Items from a data source
=======

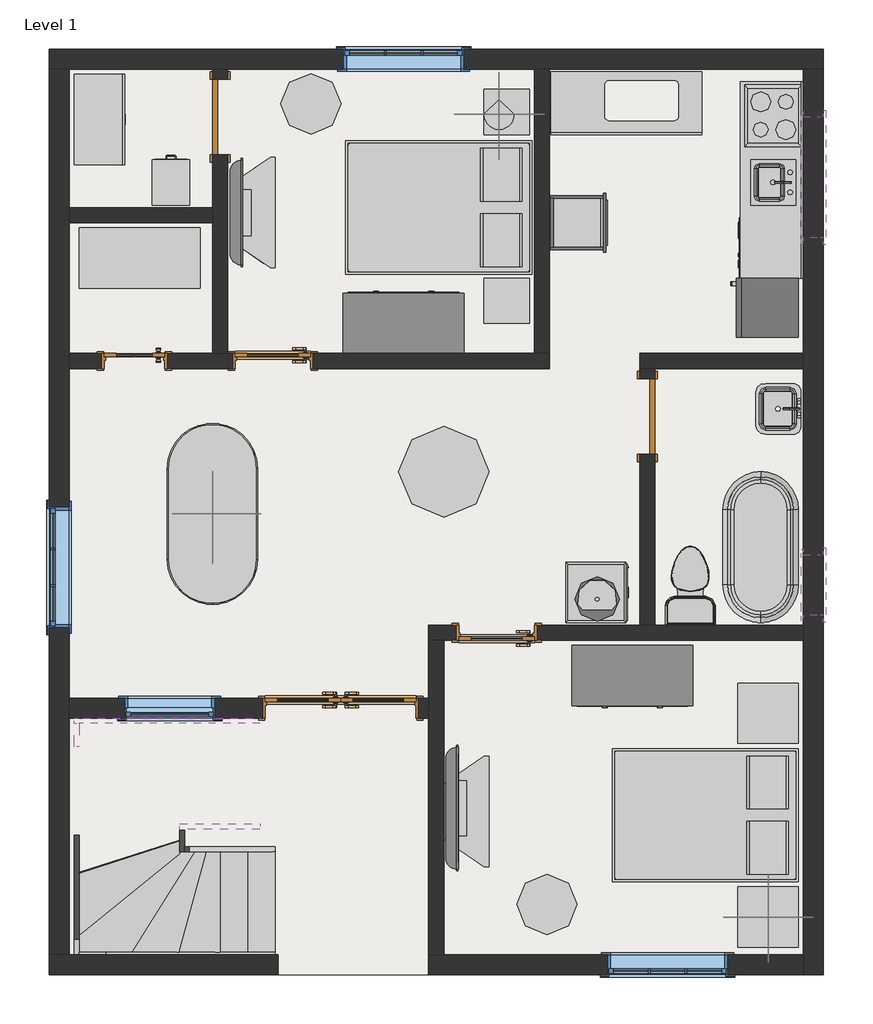
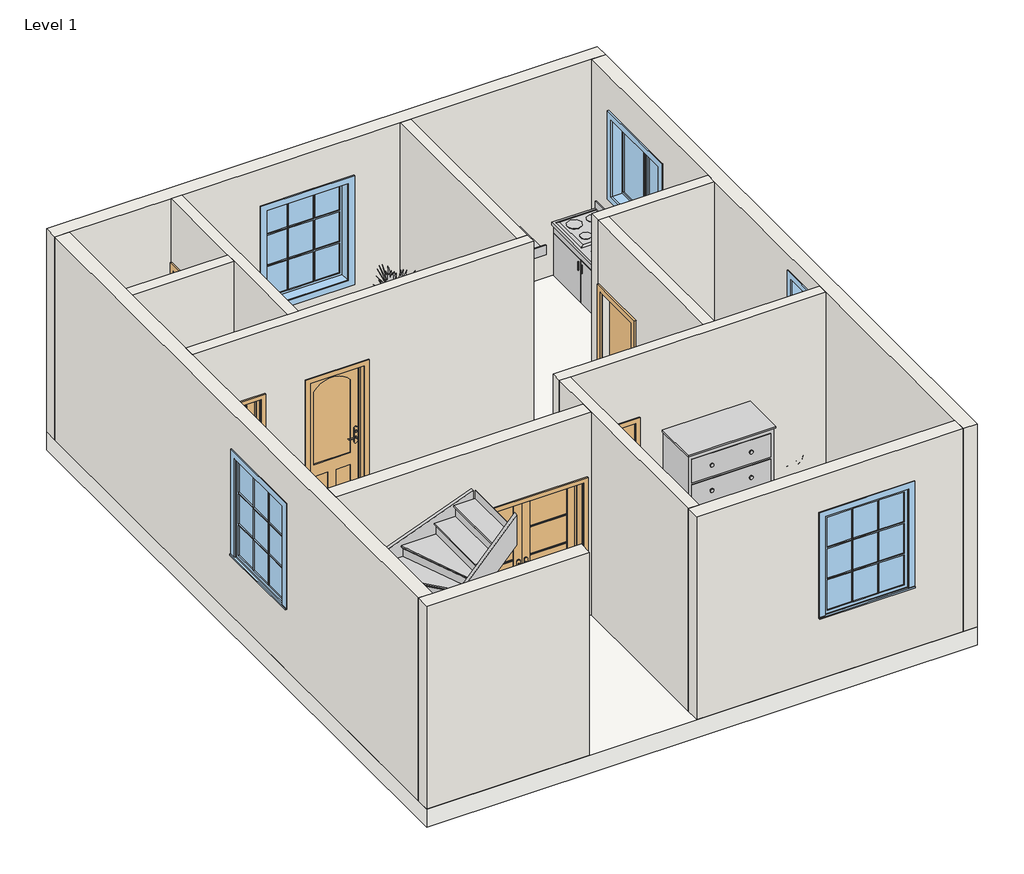
# One storey, incomplete: 22 furniture elements, 14 walls, 8 members, 6 doors, 6 windows, 5 flow terminals, 5 proxies, 3 geographic elements, 2 other elements.
# Revit data of these elements (continued)
# Type "Casement 3x3 with Trim : 48\" x 60\"" (continued)
#   Define Thermal Properties by = 1
#   Glass Pane Material = Glass
#   Sash Material = Sash
#   Trim Exterior Material = Trim
#   Trim Interior Material = Trim
#   Wall Closure = (empty or 0)
# Type "Casement Dbl with Trim : 48\" x 48\""
#   Type Mark = "13"
#   Construction Type Id = "GSP4R"
#   Assembly Code = "B2020100"
#   Analytic Construction = "1/8 in Pilkington single glazing"
#   Visual Light Transmittance = 0.9
#   Solar Heat Gain Coefficient = 0.78
#   Heat Transfer Coefficient (U) = 0.6496 BTU/(h·ft²·°F)
#   Height = 4' - 0"
#   Default Sill Height = 3' - 0"
#   Trim Projection - Ext. = 0' - 0 1/2"
#   Trim Projection - Int. = 0' - 0 3/4"
#   Trim Width - Exterior = 0' - 3 1/2"
#   Trim Width - Interior = 0' - 3 1/2"
#   Width = 4' - 0"
#   Window Inset = 0' - 0 3/4"
#   Define Thermal Properties by = 1
#   Glass Pane Material = Glass
#   Sash Material = Sash
#   Trim Exterior Material = Trim
#   Trim Interior Material = Trim
#   Wall Closure = (empty or 0)
# Type "Double Hung with Trim : 36\" x 48\""
#   Type Mark = "16"
#   Construction Type Id = "GSP4R"
#   Assembly Code = "B2020100"
#   Analytic Construction = "1/8 in Pilkington single glazing"
#   Visual Light Transmittance = 0.9
#   Solar Heat Gain Coefficient = 0.78
#   Heat Transfer Coefficient (U) = 0.6496 BTU/(h·ft²·°F)
#   Height = 4' - 0"
#   Default Sill Height = 3' - 0"
#   Trim Projection - Ext. = 0' - 0 1/2"
#   Trim Projection - Int. = 0' - 0 3/4"
#   Trim Width - Exterior = 0' - 3 1/2"
#   Trim Width - Interior = 0' - 3 1/2"
#   Width = 3' - 0"
#   Window Inset = 0' - 0 3/4"
#   Define Thermal Properties by = 1
#   Glass Pane Material = Glass
#   Sash Material = Sash
#   Trim Exterior Material = Trim
#   Trim Interior Material = Trim
#   Wall Closure = (empty or 0)
# Type "Transom with Trim : 24\" x 24\""
#   Type Mark = "25"
#   Construction Type Id = "GSP4R"
#   Assembly Code = "B2020100"
#   Analytic Construction = "1/8 in Pilkington single glazing"
#   Visual Light Transmittance = 0.9
#   Solar Heat Gain Coefficient = 0.78
#   Heat Transfer Coefficient (U) = 0.6496 BTU/(h·ft²·°F)
#   Height = 2' - 0"
#   Default Sill Height = 7' - 1"
#   Trim Projection - Ext. = 0' - 0 1/2"
#   Trim Projection - Int. = 0' - 0 3/4"
#   Trim Width - Exterior = 0' - 3 1/2"
#   Trim Width - Interior = 0' - 3 1/2"
#   Width = 2' - 0"
#   Window Inset = 0' - 0 3/4"
#   Define Thermal Properties by = 1
#   Glass Pane Material = Glass
#   Sash Material = Sash
#   Trim Exterior Material = Trim
#   Trim Interior Material = Trim
#   Wall Closure = (empty or 0)
# Element 1 (IfcBuildingElementProxy, "Cook Top-4 Unit2 : 22\" x 20\"")
#   Phase Created = New Construction
#   Materials on its faces: "Steel, Chrome Plated", "Steel, Polished"
# Element 2 (IfcBuildingElementProxy, "Dishwasher : 24\" x 24\" x 34\"")
#   Phase Created = New Construction
#   Materials on its faces: "Steel, Paint Finish, Ivory, Glossy", "Plastic, Opaque Black"
# Element 3 (IfcBuildingElementProxy, "Kitchenette - Medium : Kitchenette - Medium")
#   Phase Created = New Construction
#   Materials on its faces: "Cabinets", "Cabinets - Handles"
# Element 4 (IfcBuildingElementProxy, "Oven Double-Built-in : 21 1/2\" x 39 1/4\" x 21\"")
#   Phase Created = New Construction
#   Materials on its faces: "Steel", "Metal - Stainless Steel, Polished", "Glass"
# Element 5 (IfcBuildingElementProxy, "Refrigerator : 24\" x 25\" LH")
#   Phase Created = New Construction
#   Materials on its faces: "Steel, Paint Finish, Ivory, Glossy", "Steel, Chrome Plated"
# Elements 6, 7 (IfcDoor, "30\" x 80\"")
#   Threshold Offset = 0' - 0 1/2"
#   Swing Angle = 90.00°
#   Door Offset = 0' - 0"
#   Threshold = yes
#   Exterior Trim = yes
#   Phase Created = New Construction
#   Materials on its faces: "Cherry", "Aluminum", "Glass"
# Element 8 (IfcDoor, "Door-Exterior-Double-Full Glass-Wood_Clad : 60\" x 80\"")
#   Threshold Offset = 0' - 0 1/2"
#   Swing Angle = 90.00°
#   Door Offset = 0' - 0"
#   Threshold = yes
#   Show Grill = yes
#   Exterior Trim = yes
#   Phase Created = New Construction
#   Materials on its faces: "Cherry", "Aluminum", "Glass"
# Element 9 (IfcDoor, "Door-Interior-Single-Full Glass-Wood : 24\" x 80\"")
#   Swing Angle = 90.00°
#   Show Grill = yes
#   Phase Created = New Construction
#   Materials on its faces: "Cherry", "Aluminum", "Glass"
# Elements 10, 11 (IfcDoor, "Single-Flush : 30\" x 80\"")
#   Phase Created = New Construction
#   Materials on its faces: "Door - Frame", "Door - Panel"
# Element 12 (IfcFlowTerminal, "Sink Kitchen-Island : 18\" x 18\"")
#   Mark = "5"
#   Phase Created = New Construction
#   Materials on its faces: "Steel, Polished"
# Element 13 (IfcFlowTerminal, "Sink Vanity-Round : 19\" x 19\"")
#   Mark = "6"
#   Phase Created = New Construction
#   Materials on its faces: "Porcelain, Linen", "Steel, Polished"
# Element 14 (IfcFlowTerminal, "Sink Vanity-Square : 20\" x 18\"")
#   Mark = "4"
#   Phase Created = New Construction
#   Materials on its faces: "Porcelain, Linen", "Steel, Polished"
# Element 15 (IfcFlowTerminal, "Toilet-Domestic-3D : Toilet-Domestic-3D")
#   Mark = "1"
#   Phase Created = New Construction
#   Materials on its faces: "Porcelain, Linen", "Laminate, Linen, Matte"
# Element 16 (IfcFlowTerminal, "Tub-Free Standing-3D : 30\" x 60\"")
#   Mark = "2"
#   Phase Created = New Construction
#   Materials on its faces: "Porcelain, Ivory"
# Element 17 (IfcFurniture, "24\"")
#   Phase Created = New Construction
#   Materials on its faces: "Cabinets", "Cabinets - Handles"
# Elements 18, 19 (IfcFurniture, "Bed-Box : Double 53\" x 74\"")
#   Phase Created = New Construction
#   Materials on its faces: "Birch", "Linen, White"
# Element 20 (IfcFurniture, "Cabinet-File 3 Drawer.0001 : 15\" x 18\"")
#   Phase Created = New Construction
#   Materials on its faces: "Steel, Chrome Plated", "Steel, Paint Finish, Ivory, Glossy"
# Element 21 (IfcFurniture, "Counter Top w Sink Hole : 24\" Depth")
#   Sink Opening Depth = 1' - 2"
#   Sink Location To Wall = 0' - 6"
#   Length = 6' - 6"
#   Sink Location = 3' - 4"
#   Sink Opening Width = 1' - 4"
#   Phase Created = New Construction
#   Materials on its faces: "Counter Top"
# Element 22 (IfcFurniture, "Counter Top w Sink Hole : 24\" Depth")
#   Sink Opening Width = 2' - 4.37215"
#   Sink Opening Depth = 1' - 3"
#   Sink Location To Wall = 0' - 6"
#   Sink Location = 2' - 0"
#   Length = 5' - 0"
#   Phase Created = New Construction
#   Materials on its faces: "Counter Top"
# Element 23 (IfcFurniture, "Dresser : 48\" x 60\" x 24\"")
#   Phase Created = New Construction
#   Materials on its faces: "Laminate, Ivory, Matte", "Cherry", "Laminate - Ivory, Glossy"
# Element 24 (IfcFurniture, "Dresser : 48\" x 72\" x 24\"")
#   Phase Created = New Construction
#   Materials on its faces: "Laminate, Ivory, Matte", "Cherry", "Laminate - Ivory, Glossy"
# Element 25 (IfcFurniture, "Storage Pedestal : 20\" x 36\" x 36\"")
#   Phase Created = New Construction
#   Materials on its faces: "Steel, Paint Finish, Ivory, Glossy", "Steel, Chrome Plated"
# Element 26 (IfcFurniture, "TV - Flat Screen : 42\"")
#   Stand = yes
#   Phase Created = New Construction
#   Materials on its faces: "TV - Black", "TV - Glass", "TV - Screen"
# Element 27 (IfcFurniture, "TV - Flat Screen : 50\"")
#   Stand = yes
#   Phase Created = New Construction
#   Materials on its faces: "TV - Black", "TV - Glass", "TV - Screen"
# Elements 28, 29 (IfcFurniture, "TV Stand : TV Stand")
#   Phase Created = New Construction
#   Materials on its faces: "Melamine - Gray", "Glass - Shelves"
# Element 30 (IfcFurniture, "Table-Dining Oval : 36\" x 72\"")
#   Phase Created = New Construction
#   Materials on its faces: "Steel, Chrome Plated", "Glass - Clear, Grey"
# Element 31 (IfcFurniture, "Table-Dining Round w Chairs : 36\" Diameter")
#   Phase Created = New Construction
#   Materials on its faces: "Pine", "Laminate, Linen, Matte"
# Elements 32, 33 (IfcFurniture, "Table-Ellipse : 72\" x 36\"")
#   Phase Created = New Construction
#   Materials on its faces: "Birch", "Laminate - Black"
# Elements 34, 35 (IfcFurniture, "Table-Night Stand : 18\" x 18\" x 24\"")
#   Phase Created = New Construction
#   Materials on its faces: "Birch", "Laminate, Ivory, Matte"
# Elements 36, 37 (IfcFurniture, "Table-Night Stand : 24\" x 24\" x 30\"")
#   Phase Created = New Construction
#   Materials on its faces: "Birch", "Laminate, Ivory, Matte"
# Element 38 (IfcFurniture, "Table-Rectangular : 72\" x 30\"")
#   Phase Created = New Construction
#   Materials on its faces: "Birch"
# Element 39 (IfcGeographicElement, "RPC Plant - Tropical")
#   Phase Created = New Construction
# Elements 40, 41 (IfcGeographicElement, "RPC Plant - Tropical : Agave - 1.5'")
#   Phase Created = New Construction
# Elements 42, 43, 44, 45, 46, 47, 48, 49 (IfcMember, "Stringer - 2\" Width")
#   Phase Created = New Construction
# Element 50 (IfcSlab, "Wood Joist 10\" - Ceramic Tile")
#   Height Offset From Level = 0' - 0"
#   Phase Created = New Construction
#   Materials on its faces: "Structure, Wood Joist/Rafter Layer", "Tile, Mosaic, Gray"
# Element 51 (IfcStairFlight, "2\" Tread 1\" Nosing 1/4\" Riser")
#   Phase Created = New Construction
# Elements 52, 53, 54, 55, 56, 57 (IfcWall, "Generic - 8\"")
#   Top Offset = 0' - 0"
#   Base Offset = 0' - 0"
#   Unconnected Height = 10' - 0"
#   wall height = 10' - 0"
#   Phase Created = New Construction
#   Base Constraint = Level 1
#   Materials on its faces: "Brick, Common"
# Elements 58, 59, 60, 61, 62, 63, 64, 65 (IfcWall, "INNER WALL")
#   Top Offset = 0' - 0"
#   Base Offset = 0' - 0"
#   Unconnected Height = 10' - 0"
#   wall height = 10' - 0"
#   Phase Created = New Construction
#   Base Constraint = Level 1
#   Materials on its faces: "Brick, Common"
# Element 66 (IfcWindow, "Casement 3x3 with Trim : 48\" x 60\"")
#   Mark = "1"
#   Phase Created = New Construction
#   Materials on its faces: "Sash", "Glass", "Trim"
# Element 67 (IfcWindow, "Casement 3x3 with Trim : 48\" x 60\"")
#   Mark = "2"
#   Phase Created = New Construction
#   Materials on its faces: "Sash", "Glass", "Trim"
# Element 68 (IfcWindow, "Casement 3x3 with Trim : 48\" x 60\"")
#   Mark = "3"
#   Phase Created = New Construction
#   Materials on its faces: "Sash", "Glass", "Trim"
# Element 69 (IfcWindow, "Casement Dbl with Trim : 48\" x 48\"")
#   Mark = "4"
#   Phase Created = New Construction
#   Materials on its faces: "Sash", "Trim", "Glass"
# Element 70 (IfcWindow, "Double Hung with Trim : 36\" x 48\"")
#   Mark = "6"
#   Phase Created = New Construction
#   Materials on its faces: "Sash", "Trim", "Glass"
# Element 71 (IfcWindow, "Transom with Trim : 24\" x 24\"")
#   Mark = "7"
#   Phase Created = New Construction
#   Materials on its faces: "Sash", "Trim", "Glass"
# Materials
#   "Steel, Chrome Plated": class "Metal", colour RGB 17 17 17, transparency 0, Description = "Chromiuim plated steel", Cost = 0
#   "Steel, Polished": class "Metal", colour RGB 57 57 57, transparency 0, Description = "Polished steel", Cost = 0
#   "Steel, Paint Finish, Ivory, Glossy": class "Metal", colour RGB 247 247 239, transparency 0, Description = "Steel, paint finish, ivory, glossy", Cost = 0
#   "Plastic, Opaque Black": class "Plastic", colour RGB 0 0 0, transparency 0.7, Description = "Plastic, generic, opaque black", Cost = 0
#   "Cabinets": colour RGB 249 249 249, transparency 0
#   "Cabinets - Handles": class "Metal", colour RGB 57 57 57, transparency 0
#   "Metal - Stainless Steel, Polished": class "Metal", colour RGB 216 216 216, transparency 0
#   "Cherry": class "Wood", colour RGB 226 177 128, transparency 0, Description = "Prunus Serotina", Cost = 0
#   "Glass": class "Glass", colour RGB 0 128 192, transparency 0.75, Description = "Soda Lime Glass", Cost = 0
#   "Aluminum": class "Metal", colour RGB 247 247 247, transparency 0, Description = "Aluminum 6061", Cost = 0
#   "Door - Panel": class "Wood", colour RGB 210 159 95, transparency 0
#   "Door - Frame": colour RGB 118 70 51, transparency 0
#   "Porcelain, Linen": class "Ceramic", colour RGB 249 239 230, transparency 0, Description = "Porcelain, linen", Cost = 0
#   "Laminate, Linen, Matte": class "Plastic", colour RGB 249 239 230, transparency 0, Description = "Plastic Laminate - Linen, Matte", Cost = 0
#   "Porcelain, Ivory": class "Ceramic", colour RGB 247 247 239, transparency 0, Description = "Porcelain, ivory", Cost = 0
#   "Birch": class "Wood", colour RGB 224 178 126, transparency 0, Description = "Betula Alleghaniensis", Cost = 0
#   "Linen, White": class "Textile", colour RGB 247 247 239, transparency 0, Description = "Linen, white", Cost = 0
#   "Laminate - Ivory, Glossy": colour RGB 247 247 239, transparency 0
#   "Laminate, Ivory, Matte": class "Plastic", colour RGB 247 247 239, transparency 0, Description = "Plastic Laminate - Ivory, Matte", Cost = 0
#   "Melamine - Gray": class "Wood", colour RGB 49 49 49, transparency 0
#   "Glass - Clear, Grey": class "Glass", colour RGB 252 255 255, transparency 0.64
#   "Pine": class "Wood", colour RGB 223 192 134, transparency 0, Description = "Pinus Echinata", Cost = 0
#   "Laminate - Black": colour RGB 0 0 0, transparency 0
#   "Tile, Mosaic, Gray": class "Generic", colour RGB 127 127 127, transparency 0, Description = "Mosiac tile, gray", Cost = 0
#   "Concrete, Cast-in-Place gray": class "Concrete", colour RGB 192 192 192, transparency 0, Description = "Cast-in-place concrete", Cost = 0
#   "Plywood, Sheathing": class "Wood", colour RGB 212 179 113, transparency 0, Description = "Plywood, sheathing grade", Cost = 0
#   "Structure, Wood Joist/Rafter Layer": class "Wood", colour RGB 127 127 127, transparency 0, Description = "Wood framing, thermal airspace", Cost = 0
#   "Brick, Common": class "Masonry", colour RGB 170 98 104, transparency 0, Description = "Common brick", Cost = 0
#   "Sash": class "Wood", colour RGB 224 178 126, transparency 0
#   "Trim": class "Wood", colour RGB 224 178 126, transparency 0
#   "Steel": class "Metal", colour RGB 247 247 247, transparency 0, Description = "Steel, mill finish", Cost = 0
#   "Counter Top": class "Wood", colour RGB 226 177 128, transparency 0
#   "TV - Black": colour RGB 49 49 49, transparency 0
#   "TV - Glass": colour RGB 157 157 157, transparency 0.9
#   "TV - Screen": colour RGB 0 0 0, transparency 0
#   "Glass - Shelves": class "Glass", colour RGB 167 167 167, transparency 0.9
# Room at (-7292.493, 5497.572) mm, phase "New Construction", upper level "Level 1", upper offset 10' - 0", lower offset 0' - 0"
#   Number = "1"
#   Name = "PORCH"
# Room at (-4214.355, 6005.306) mm, phase "New Construction", upper level "Level 1", upper offset 10' - 0", lower offset 0' - 0"
#   Number = "2"
#   Name = "BED ROOM"
# Room at (-3348.086, 8702.644) mm, phase "New Construction", upper level "Level 1", upper offset 10' - 0", lower offset 0' - 0"
#   Number = "3"
#   Name = "TOILET"
# Room at (-6308.758, 9384.911) mm, phase "New Construction", upper level "Level 1", upper offset 10' - 0", lower offset 0' - 0"
#   Number = "4"
#   Name = "DRAWING HALL"
# Room at (-3817.687, 12066.382) mm, phase "New Construction", upper level "Level 1", upper offset 10' - 0", lower offset 0' - 0"
#   Number = "5"
#   Name = "KITCHEN"
# Room at (-6737.159, 12066.382) mm, phase "New Construction", upper level "Level 1", upper offset 10' - 0", lower offset 0' - 0"
#   Number = "6"
#   Name = "BED ROOM"
# Room at (-9019.693, 12494.783) mm, phase "New Construction", upper level "Level 1", upper offset 10' - 0", lower offset 0' - 0"
#   Number = "7"
#   Name = "STORE"
# Room at (-9355.163, 11232.628) mm, phase "New Construction", upper level "Level 1", upper offset 10' - 0", lower offset 0' - 0"
#   Number = "8"

=======

- [DIRECTIONS] Say again, word for word, the lines beginning at the top of the data and ending with the line that has "# Revit data of these elements (continued)". Skip the pictures.

- [WRITTEN REPLY]
# One storey, incomplete: 22 furniture elements, 14 walls, 8 members, 6 doors, 6 windows, 5 flow terminals, 5 proxies, 3 geographic elements, 2 other elements.
# Revit data of these elements (continued)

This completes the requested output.